Omit the pictures and return every entry exactly as written.
_ _ _
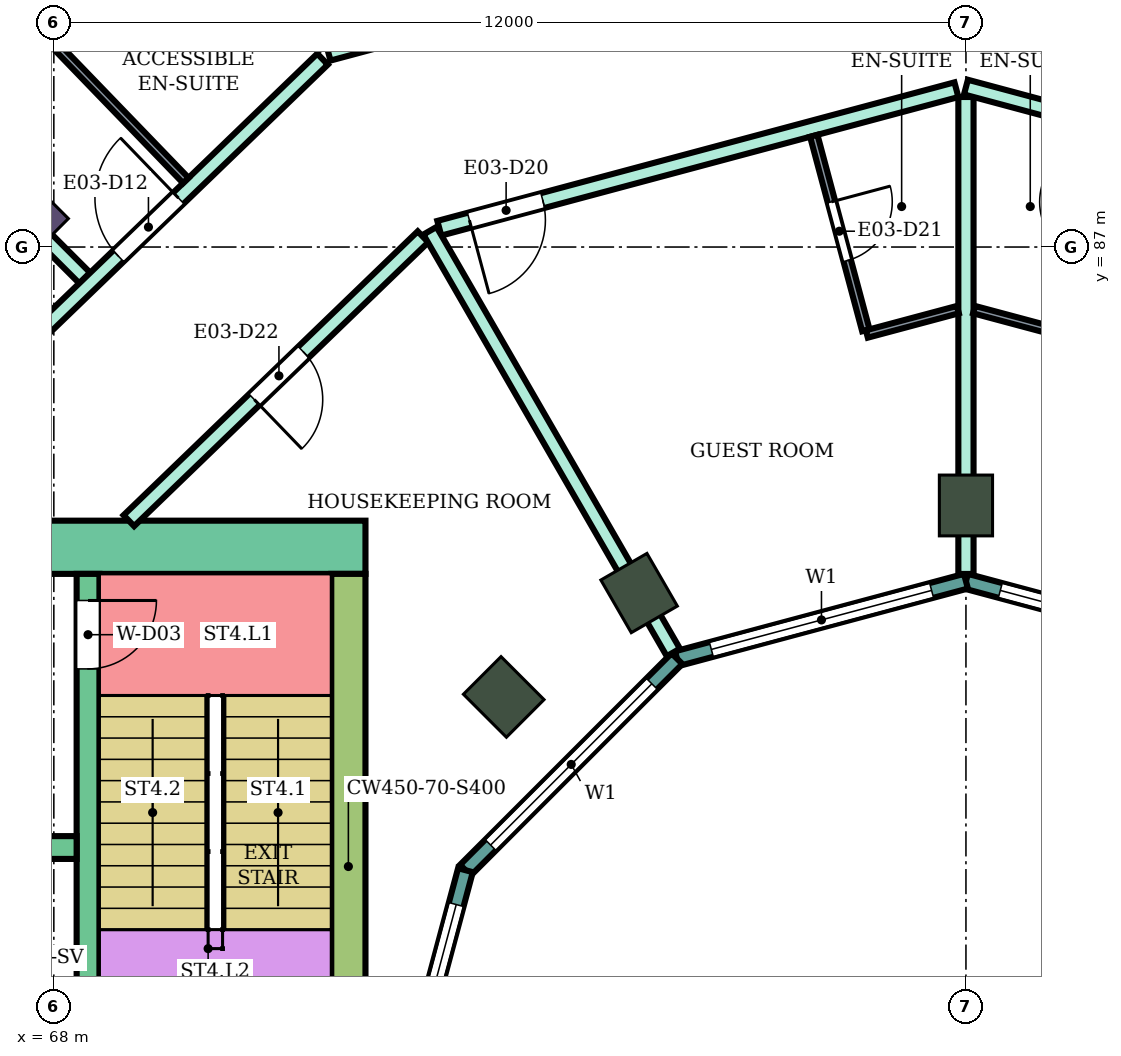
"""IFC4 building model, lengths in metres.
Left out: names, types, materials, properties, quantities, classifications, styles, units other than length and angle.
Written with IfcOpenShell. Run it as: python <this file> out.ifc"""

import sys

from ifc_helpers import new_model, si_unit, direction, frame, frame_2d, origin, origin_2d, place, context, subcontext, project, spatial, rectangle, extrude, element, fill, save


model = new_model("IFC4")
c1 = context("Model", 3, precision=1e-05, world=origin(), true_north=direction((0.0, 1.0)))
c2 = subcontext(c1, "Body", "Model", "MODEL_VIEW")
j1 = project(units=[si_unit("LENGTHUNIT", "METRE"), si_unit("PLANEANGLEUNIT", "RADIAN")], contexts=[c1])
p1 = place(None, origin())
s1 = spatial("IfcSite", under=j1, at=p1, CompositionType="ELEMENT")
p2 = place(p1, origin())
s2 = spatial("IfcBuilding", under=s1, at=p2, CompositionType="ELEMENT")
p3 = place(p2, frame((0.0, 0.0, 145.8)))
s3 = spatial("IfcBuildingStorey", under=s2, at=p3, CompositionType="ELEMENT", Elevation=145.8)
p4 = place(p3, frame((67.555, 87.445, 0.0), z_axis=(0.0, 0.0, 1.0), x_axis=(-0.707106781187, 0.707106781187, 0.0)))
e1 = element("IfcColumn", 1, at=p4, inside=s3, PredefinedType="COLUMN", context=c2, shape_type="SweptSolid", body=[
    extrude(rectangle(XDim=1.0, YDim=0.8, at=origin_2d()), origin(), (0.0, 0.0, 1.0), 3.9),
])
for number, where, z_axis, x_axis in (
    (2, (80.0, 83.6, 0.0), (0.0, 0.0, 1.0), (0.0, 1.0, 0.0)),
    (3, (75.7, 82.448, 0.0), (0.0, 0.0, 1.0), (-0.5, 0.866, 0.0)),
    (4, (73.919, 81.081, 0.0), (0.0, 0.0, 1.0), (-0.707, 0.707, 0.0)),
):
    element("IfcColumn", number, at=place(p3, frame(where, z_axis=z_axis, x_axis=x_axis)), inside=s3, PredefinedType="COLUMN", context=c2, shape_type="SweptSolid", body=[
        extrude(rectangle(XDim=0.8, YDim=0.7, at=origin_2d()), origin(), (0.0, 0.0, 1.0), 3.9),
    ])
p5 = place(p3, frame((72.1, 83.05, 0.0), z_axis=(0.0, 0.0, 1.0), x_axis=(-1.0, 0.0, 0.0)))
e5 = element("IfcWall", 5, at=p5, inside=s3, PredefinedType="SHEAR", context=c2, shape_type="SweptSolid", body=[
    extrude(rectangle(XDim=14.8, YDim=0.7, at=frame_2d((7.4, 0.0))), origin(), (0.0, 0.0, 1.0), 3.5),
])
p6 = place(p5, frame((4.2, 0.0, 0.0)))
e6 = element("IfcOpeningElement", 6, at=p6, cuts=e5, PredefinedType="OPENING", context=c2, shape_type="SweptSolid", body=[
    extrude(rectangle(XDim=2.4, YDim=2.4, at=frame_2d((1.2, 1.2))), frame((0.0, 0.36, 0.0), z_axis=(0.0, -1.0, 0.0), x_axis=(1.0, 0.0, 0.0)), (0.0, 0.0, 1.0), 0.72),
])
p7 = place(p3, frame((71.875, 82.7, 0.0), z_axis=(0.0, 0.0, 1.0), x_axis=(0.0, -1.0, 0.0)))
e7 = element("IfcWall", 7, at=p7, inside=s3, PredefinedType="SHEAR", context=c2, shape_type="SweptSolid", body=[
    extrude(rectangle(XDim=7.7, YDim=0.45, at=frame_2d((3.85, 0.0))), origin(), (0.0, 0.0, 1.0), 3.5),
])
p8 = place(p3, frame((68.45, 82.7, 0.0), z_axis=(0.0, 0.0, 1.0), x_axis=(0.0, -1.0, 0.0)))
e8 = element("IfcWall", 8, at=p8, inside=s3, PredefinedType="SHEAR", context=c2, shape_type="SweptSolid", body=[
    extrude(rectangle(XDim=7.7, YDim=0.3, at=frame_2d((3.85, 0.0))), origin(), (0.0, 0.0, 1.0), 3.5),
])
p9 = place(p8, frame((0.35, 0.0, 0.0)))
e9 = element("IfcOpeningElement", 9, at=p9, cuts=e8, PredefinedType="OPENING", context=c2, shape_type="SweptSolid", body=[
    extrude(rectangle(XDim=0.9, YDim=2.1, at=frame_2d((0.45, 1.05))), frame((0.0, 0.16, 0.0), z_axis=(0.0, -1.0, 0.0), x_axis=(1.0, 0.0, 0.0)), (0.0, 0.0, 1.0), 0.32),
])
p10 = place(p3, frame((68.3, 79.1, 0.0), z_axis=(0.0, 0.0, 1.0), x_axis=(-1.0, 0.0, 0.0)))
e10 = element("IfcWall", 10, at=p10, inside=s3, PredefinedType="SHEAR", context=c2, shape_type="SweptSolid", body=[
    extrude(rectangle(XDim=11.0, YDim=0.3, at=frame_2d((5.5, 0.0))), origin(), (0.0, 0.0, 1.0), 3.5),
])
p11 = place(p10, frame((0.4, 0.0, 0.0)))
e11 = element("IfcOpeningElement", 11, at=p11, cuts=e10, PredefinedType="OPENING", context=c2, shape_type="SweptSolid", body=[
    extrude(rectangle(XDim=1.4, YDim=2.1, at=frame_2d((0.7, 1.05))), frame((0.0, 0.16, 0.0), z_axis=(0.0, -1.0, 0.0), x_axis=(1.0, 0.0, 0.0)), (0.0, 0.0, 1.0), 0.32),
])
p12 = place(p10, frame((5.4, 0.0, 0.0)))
_ _ _
* _FINISHED TASK_:
"""IFC4 building model, lengths in metres.
Left out: names, types, materials, properties, quantities, classifications, styles, units other than length and angle.
Written with IfcOpenShell. Run it as: python <this file> out.ifc"""

import sys

from ifc_helpers import new_model, si_unit, direction, frame, frame_2d, origin, origin_2d, place, context, subcontext, project, spatial, rectangle, extrude, element, fill, save


model = new_model("IFC4")
c1 = context("Model", 3, precision=1e-05, world=origin(), true_north=direction((0.0, 1.0)))
c2 = subcontext(c1, "Body", "Model", "MODEL_VIEW")
j1 = project(units=[si_unit("LENGTHUNIT", "METRE"), si_unit("PLANEANGLEUNIT", "RADIAN")], contexts=[c1])
p1 = place(None, origin())
s1 = spatial("IfcSite", under=j1, at=p1, CompositionType="ELEMENT")
p2 = place(p1, origin())
s2 = spatial("IfcBuilding", under=s1, at=p2, CompositionType="ELEMENT")
p3 = place(p2, frame((0.0, 0.0, 145.8)))
s3 = spatial("IfcBuildingStorey", under=s2, at=p3, CompositionType="ELEMENT", Elevation=145.8)
p4 = place(p3, frame((67.555, 87.445, 0.0), z_axis=(0.0, 0.0, 1.0), x_axis=(-0.707106781187, 0.707106781187, 0.0)))
e1 = element("IfcColumn", 1, at=p4, inside=s3, PredefinedType="COLUMN", context=c2, shape_type="SweptSolid", body=[
    extrude(rectangle(XDim=1.0, YDim=0.8, at=origin_2d()), origin(), (0.0, 0.0, 1.0), 3.9),
])
for number, where, z_axis, x_axis in (
    (2, (80.0, 83.6, 0.0), (0.0, 0.0, 1.0), (0.0, 1.0, 0.0)),
    (3, (75.7, 82.448, 0.0), (0.0, 0.0, 1.0), (-0.5, 0.866, 0.0)),
    (4, (73.919, 81.081, 0.0), (0.0, 0.0, 1.0), (-0.707, 0.707, 0.0)),
):
    element("IfcColumn", number, at=place(p3, frame(where, z_axis=z_axis, x_axis=x_axis)), inside=s3, PredefinedType="COLUMN", context=c2, shape_type="SweptSolid", body=[
        extrude(rectangle(XDim=0.8, YDim=0.7, at=origin_2d()), origin(), (0.0, 0.0, 1.0), 3.9),
    ])
p5 = place(p3, frame((72.1, 83.05, 0.0), z_axis=(0.0, 0.0, 1.0), x_axis=(-1.0, 0.0, 0.0)))
e5 = element("IfcWall", 5, at=p5, inside=s3, PredefinedType="SHEAR", context=c2, shape_type="SweptSolid", body=[
    extrude(rectangle(XDim=14.8, YDim=0.7, at=frame_2d((7.4, 0.0))), origin(), (0.0, 0.0, 1.0), 3.5),
])
p6 = place(p5, frame((4.2, 0.0, 0.0)))
e6 = element("IfcOpeningElement", 6, at=p6, cuts=e5, PredefinedType="OPENING", context=c2, shape_type="SweptSolid", body=[
    extrude(rectangle(XDim=2.4, YDim=2.4, at=frame_2d((1.2, 1.2))), frame((0.0, 0.36, 0.0), z_axis=(0.0, -1.0, 0.0), x_axis=(1.0, 0.0, 0.0)), (0.0, 0.0, 1.0), 0.72),
])
p7 = place(p3, frame((71.875, 82.7, 0.0), z_axis=(0.0, 0.0, 1.0), x_axis=(0.0, -1.0, 0.0)))
e7 = element("IfcWall", 7, at=p7, inside=s3, PredefinedType="SHEAR", context=c2, shape_type="SweptSolid", body=[
    extrude(rectangle(XDim=7.7, YDim=0.45, at=frame_2d((3.85, 0.0))), origin(), (0.0, 0.0, 1.0), 3.5),
])
p8 = place(p3, frame((68.45, 82.7, 0.0), z_axis=(0.0, 0.0, 1.0), x_axis=(0.0, -1.0, 0.0)))
e8 = element("IfcWall", 8, at=p8, inside=s3, PredefinedType="SHEAR", context=c2, shape_type="SweptSolid", body=[
    extrude(rectangle(XDim=7.7, YDim=0.3, at=frame_2d((3.85, 0.0))), origin(), (0.0, 0.0, 1.0), 3.5),
])
p9 = place(p8, frame((0.35, 0.0, 0.0)))
e9 = element("IfcOpeningElement", 9, at=p9, cuts=e8, PredefinedType="OPENING", context=c2, shape_type="SweptSolid", body=[
    extrude(rectangle(XDim=0.9, YDim=2.1, at=frame_2d((0.45, 1.05))), frame((0.0, 0.16, 0.0), z_axis=(0.0, -1.0, 0.0), x_axis=(1.0, 0.0, 0.0)), (0.0, 0.0, 1.0), 0.32),
])
p10 = place(p3, frame((68.3, 79.1, 0.0), z_axis=(0.0, 0.0, 1.0), x_axis=(-1.0, 0.0, 0.0)))
e10 = element("IfcWall", 10, at=p10, inside=s3, PredefinedType="SHEAR", context=c2, shape_type="SweptSolid", body=[
    extrude(rectangle(XDim=11.0, YDim=0.3, at=frame_2d((5.5, 0.0))), origin(), (0.0, 0.0, 1.0), 3.5),
])
p11 = place(p10, frame((0.4, 0.0, 0.0)))
e11 = element("IfcOpeningElement", 11, at=p11, cuts=e10, PredefinedType="OPENING", context=c2, shape_type="SweptSolid", body=[
    extrude(rectangle(XDim=1.4, YDim=2.1, at=frame_2d((0.7, 1.05))), frame((0.0, 0.16, 0.0), z_axis=(0.0, -1.0, 0.0), x_axis=(1.0, 0.0, 0.0)), (0.0, 0.0, 1.0), 0.32),
])
p12 = place(p10, frame((5.4, 0.0, 0.0)))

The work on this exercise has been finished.